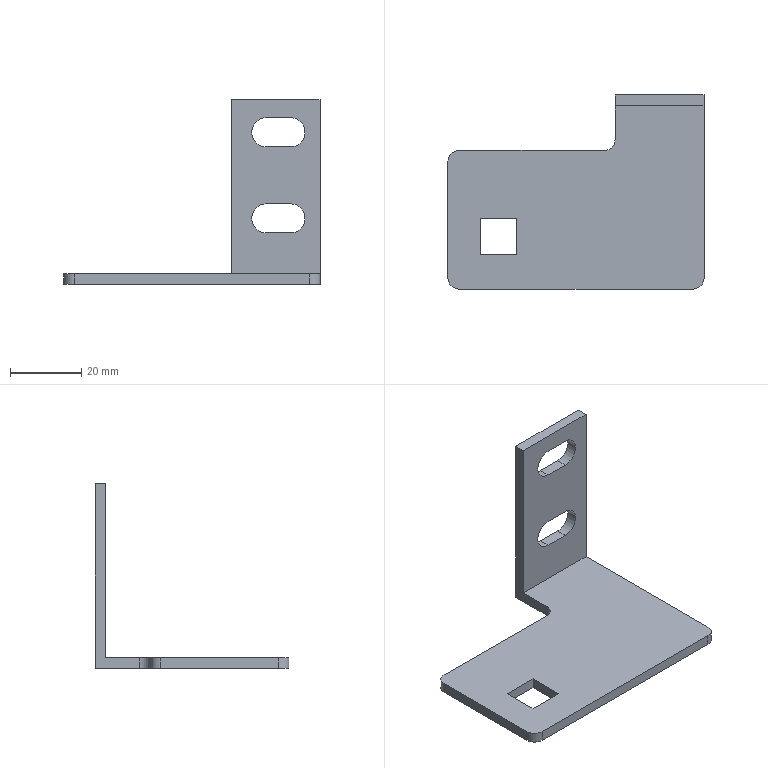Component | SolidWorks | MotorHeadBracket-1 | 1 solid | 26 faces | box 72 x 54.5 x 52 mm | volume 12286 mm3 | plane 18 | cylinder 8 | commonest cylinder face diameters 6 x4 8.2 x4
build123d program:
from build123d import *

# Parameters (mm, degrees)
SKETCH2_W           = 10.2
SKETCH2_H           = 10.2
BOSS_EXTRUDE1_DEPTH = 3
FILLET1_R           = 3
SKETCH3_W           = 25
SKETCH3_H           = 3
BOSS_EXTRUDE2_DEPTH = 52
CUT_EXTRUDE1_DEPTH  = 12


with BuildPart() as part:
    # Sketch2 → Boss-Extrude1 (new body)
    with BuildSketch(Plane.XY):
        Polygon((0, 0), (0, 39), (47, 39), (47, 54.5), (72, 54.5), (72, 0), align=None)
        with Locations((14.2, 14.8)):
            Rectangle(SKETCH2_W, SKETCH2_H, mode=Mode.SUBTRACT)
    extrude(amount=BOSS_EXTRUDE1_DEPTH)

    # Fillet1
    fillet1_edges = [part.edges().sort_by_distance(p)[0] for p in [
        (0, 0, 1.5),
        (0, 39, 1.5),
        (47, 39, 1.5),
        (72, 0, 1.5),
    ]]
    fillet(fillet1_edges, radius=FILLET1_R)

    # Sketch3 → Boss-Extrude2 (add)
    with BuildSketch(Plane.XY):
        with Locations((59.5, 53)):
            Rectangle(SKETCH3_W, SKETCH3_H)
    extrude(amount=BOSS_EXTRUDE2_DEPTH)

    # Sketch4 → Cut-Extrude1 (cut)
    with BuildSketch(Plane(origin=(0, 54.5, 0), x_dir=(1, 0, 0), z_dir=(0, 1, 0))):
        with BuildLine():
            Line((63.7, -46.9), (56.9, -46.9))
            ThreePointArc((56.9, -46.9), (52.8, -42.8), (56.9, -38.7))
            Line((56.9, -38.7), (63.7, -38.7))
            ThreePointArc((63.7, -38.7), (67.8, -42.8), (63.7, -46.9))
        make_face()
        with BuildLine():
            Line((63.7, -22.7), (56.9, -22.7))
            ThreePointArc((56.9, -22.7), (52.8, -18.6), (56.9, -14.5))
            Line((56.9, -14.5), (63.7, -14.5))
            ThreePointArc((63.7, -14.5), (67.8, -18.6), (63.7, -22.7))
        make_face()
    extrude(amount=-CUT_EXTRUDE1_DEPTH, mode=Mode.SUBTRACT)


solid = part.part

# Placed as in the assembly
solid = solid.moved(Location((-79.293, -47.753, 1574.064), (0, 0, 0)))
STEP:
#1=COLOUR_RGB('',0.7922,0.8196,0.9333);
#2=FILL_AREA_STYLE_COLOUR('',#1);
#3=FILL_AREA_STYLE('',(#2));
#4=SURFACE_STYLE_FILL_AREA(#3);
#5=SURFACE_SIDE_STYLE('',(#4));
#6=SURFACE_STYLE_USAGE(.BOTH.,#5);
#7=PRESENTATION_STYLE_ASSIGNMENT((#6));
#8=CARTESIAN_POINT('',(-2.362,-1.498,62.089));
#9=VERTEX_POINT('',#8);
#10=CARTESIAN_POINT('',(-2.362,-1.097,62.089));
#11=VERTEX_POINT('',#10);
#12=CARTESIAN_POINT('',(-2.362,-1.097,62.089));
#13=DIRECTION('',(0.,1.,0.));
#14=VECTOR('',#13,39.37);
#15=LINE('',#12,#14);
#16=EDGE_CURVE('',#9,#11,#15,.T.);
#17=ORIENTED_EDGE('',*,*,#16,.F.);
#18=CARTESIAN_POINT('',(-2.764,-1.498,62.089));
#19=VERTEX_POINT('',#18);
#20=CARTESIAN_POINT('',(-2.764,-1.498,62.089));
#21=DIRECTION('',(1.,0.,0.));
#22=VECTOR('',#21,39.37);
#23=LINE('',#20,#22);
#24=EDGE_CURVE('',#19,#9,#23,.T.);
#25=ORIENTED_EDGE('',*,*,#24,.F.);
#26=CARTESIAN_POINT('',(-2.764,-1.097,62.089));
#27=VERTEX_POINT('',#26);
#28=CARTESIAN_POINT('',(-2.764,-1.097,62.089));
#29=DIRECTION('',(0.,-1.,0.));
#30=VECTOR('',#29,39.37);
#31=LINE('',#28,#30);
#32=EDGE_CURVE('',#27,#19,#31,.T.);
#33=ORIENTED_EDGE('',*,*,#32,.F.);
#34=CARTESIAN_POINT('',(-2.764,-1.097,62.089));
#35=DIRECTION('',(-1.,-0.,0.));
#36=VECTOR('',#35,39.37);
#37=LINE('',#34,#36);
#38=EDGE_CURVE('',#11,#27,#37,.T.);
#39=ORIENTED_EDGE('',*,*,#38,.F.);
#40=EDGE_LOOP('',(#17,#25,#33,#39));
#41=FACE_BOUND('',#40,.T.);
#42=CARTESIAN_POINT('',(-1.271,0.1475,62.089));
#43=VERTEX_POINT('',#42);
#44=CARTESIAN_POINT('',(-0.2871,0.1475,62.089));
#45=VERTEX_POINT('',#44);
#46=CARTESIAN_POINT('',(-3.122,0.1475,62.089));
#47=DIRECTION('',(1.,0.,0.));
#48=VECTOR('',#47,39.37);
#49=LINE('',#46,#48);
#50=EDGE_CURVE('',#43,#45,#49,.T.);
#51=ORIENTED_EDGE('',*,*,#50,.F.);
#52=CARTESIAN_POINT('',(-1.271,-0.2265,62.089));
#53=VERTEX_POINT('',#52);
#54=CARTESIAN_POINT('',(-1.271,0.2656,62.089));
#55=DIRECTION('',(0.,-1.,0.));
#56=VECTOR('',#55,39.37);
#57=LINE('',#54,#56);
#58=EDGE_CURVE('',#43,#53,#57,.T.);
#59=ORIENTED_EDGE('',*,*,#58,.T.);
#60=CARTESIAN_POINT('',(-1.39,-0.3446,62.089));
#61=VERTEX_POINT('',#60);
#62=CARTESIAN_POINT('',(-1.39,-0.2265,62.089));
#63=DIRECTION('',(0.,0.,-1.));
#64=DIRECTION('',(-1.,0.,0.));
#65=AXIS2_PLACEMENT_3D('',#62,#63,#64);
#66=CIRCLE('',#65,0.1181);
#67=EDGE_CURVE('',#53,#61,#66,.T.);
#68=ORIENTED_EDGE('',*,*,#67,.T.);
#69=CARTESIAN_POINT('',(-3.004,-0.3446,62.089));
#70=VERTEX_POINT('',#69);
#71=CARTESIAN_POINT('',(-3.122,-0.3446,62.089));
#72=DIRECTION('',(-1.,0.,0.));
#73=VECTOR('',#72,39.37);
#74=LINE('',#71,#73);
#75=EDGE_CURVE('',#61,#70,#74,.T.);
#76=ORIENTED_EDGE('',*,*,#75,.T.);
#77=CARTESIAN_POINT('',(-3.122,-0.4627,62.089));
#78=VERTEX_POINT('',#77);
#79=CARTESIAN_POINT('',(-3.004,-0.4627,62.089));
#80=DIRECTION('',(0.,0.,1.));
#81=DIRECTION('',(-1.,0.,0.));
#82=AXIS2_PLACEMENT_3D('',#79,#80,#81);
#83=CIRCLE('',#82,0.1181);
#84=EDGE_CURVE('',#70,#78,#83,.T.);
#85=ORIENTED_EDGE('',*,*,#84,.T.);
#86=CARTESIAN_POINT('',(-3.122,-1.762,62.089));
#87=VERTEX_POINT('',#86);
#88=CARTESIAN_POINT('',(-3.122,-1.88,62.089));
#89=DIRECTION('',(0.,-1.,0.));
#90=VECTOR('',#89,39.37);
#91=LINE('',#88,#90);
#92=EDGE_CURVE('',#78,#87,#91,.T.);
#93=ORIENTED_EDGE('',*,*,#92,.T.);
#94=CARTESIAN_POINT('',(-3.004,-1.88,62.089));
#95=VERTEX_POINT('',#94);
#96=CARTESIAN_POINT('',(-3.004,-1.762,62.089));
#97=DIRECTION('',(0.,0.,1.));
#98=DIRECTION('',(-1.,0.,0.));
#99=AXIS2_PLACEMENT_3D('',#96,#97,#98);
#100=CIRCLE('',#99,0.1181);
#101=EDGE_CURVE('',#87,#95,#100,.T.);
#102=ORIENTED_EDGE('',*,*,#101,.T.);
#103=CARTESIAN_POINT('',(-0.4053,-1.88,62.089));
#104=VERTEX_POINT('',#103);
#105=CARTESIAN_POINT('',(-0.2871,-1.88,62.089));
#106=DIRECTION('',(1.,0.,0.));
#107=VECTOR('',#106,39.37);
#108=LINE('',#105,#107);
#109=EDGE_CURVE('',#95,#104,#108,.T.);
#110=ORIENTED_EDGE('',*,*,#109,.T.);
#111=CARTESIAN_POINT('',(-0.2871,-1.762,62.089));
#112=VERTEX_POINT('',#111);
#113=CARTESIAN_POINT('',(-0.4053,-1.762,62.089));
#114=DIRECTION('',(0.,0.,1.));
#115=DIRECTION('',(-1.,0.,0.));
#116=AXIS2_PLACEMENT_3D('',#113,#114,#115);
#117=CIRCLE('',#116,0.1181);
#118=EDGE_CURVE('',#104,#112,#117,.T.);
#119=ORIENTED_EDGE('',*,*,#118,.T.);
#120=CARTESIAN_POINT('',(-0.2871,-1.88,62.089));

◇ ◇ ◇ ◇ ◇

▶ _Action item_
Only lines with the word "amount" should be collected from the material.

▶ _Output of the exercise_
    extrude(amount=BOSS_EXTRUDE1_DEPTH)
    extrude(amount=BOSS_EXTRUDE2_DEPTH)
    extrude(amount=-CUT_EXTRUDE1_DEPTH, mode=Mode.SUBTRACT)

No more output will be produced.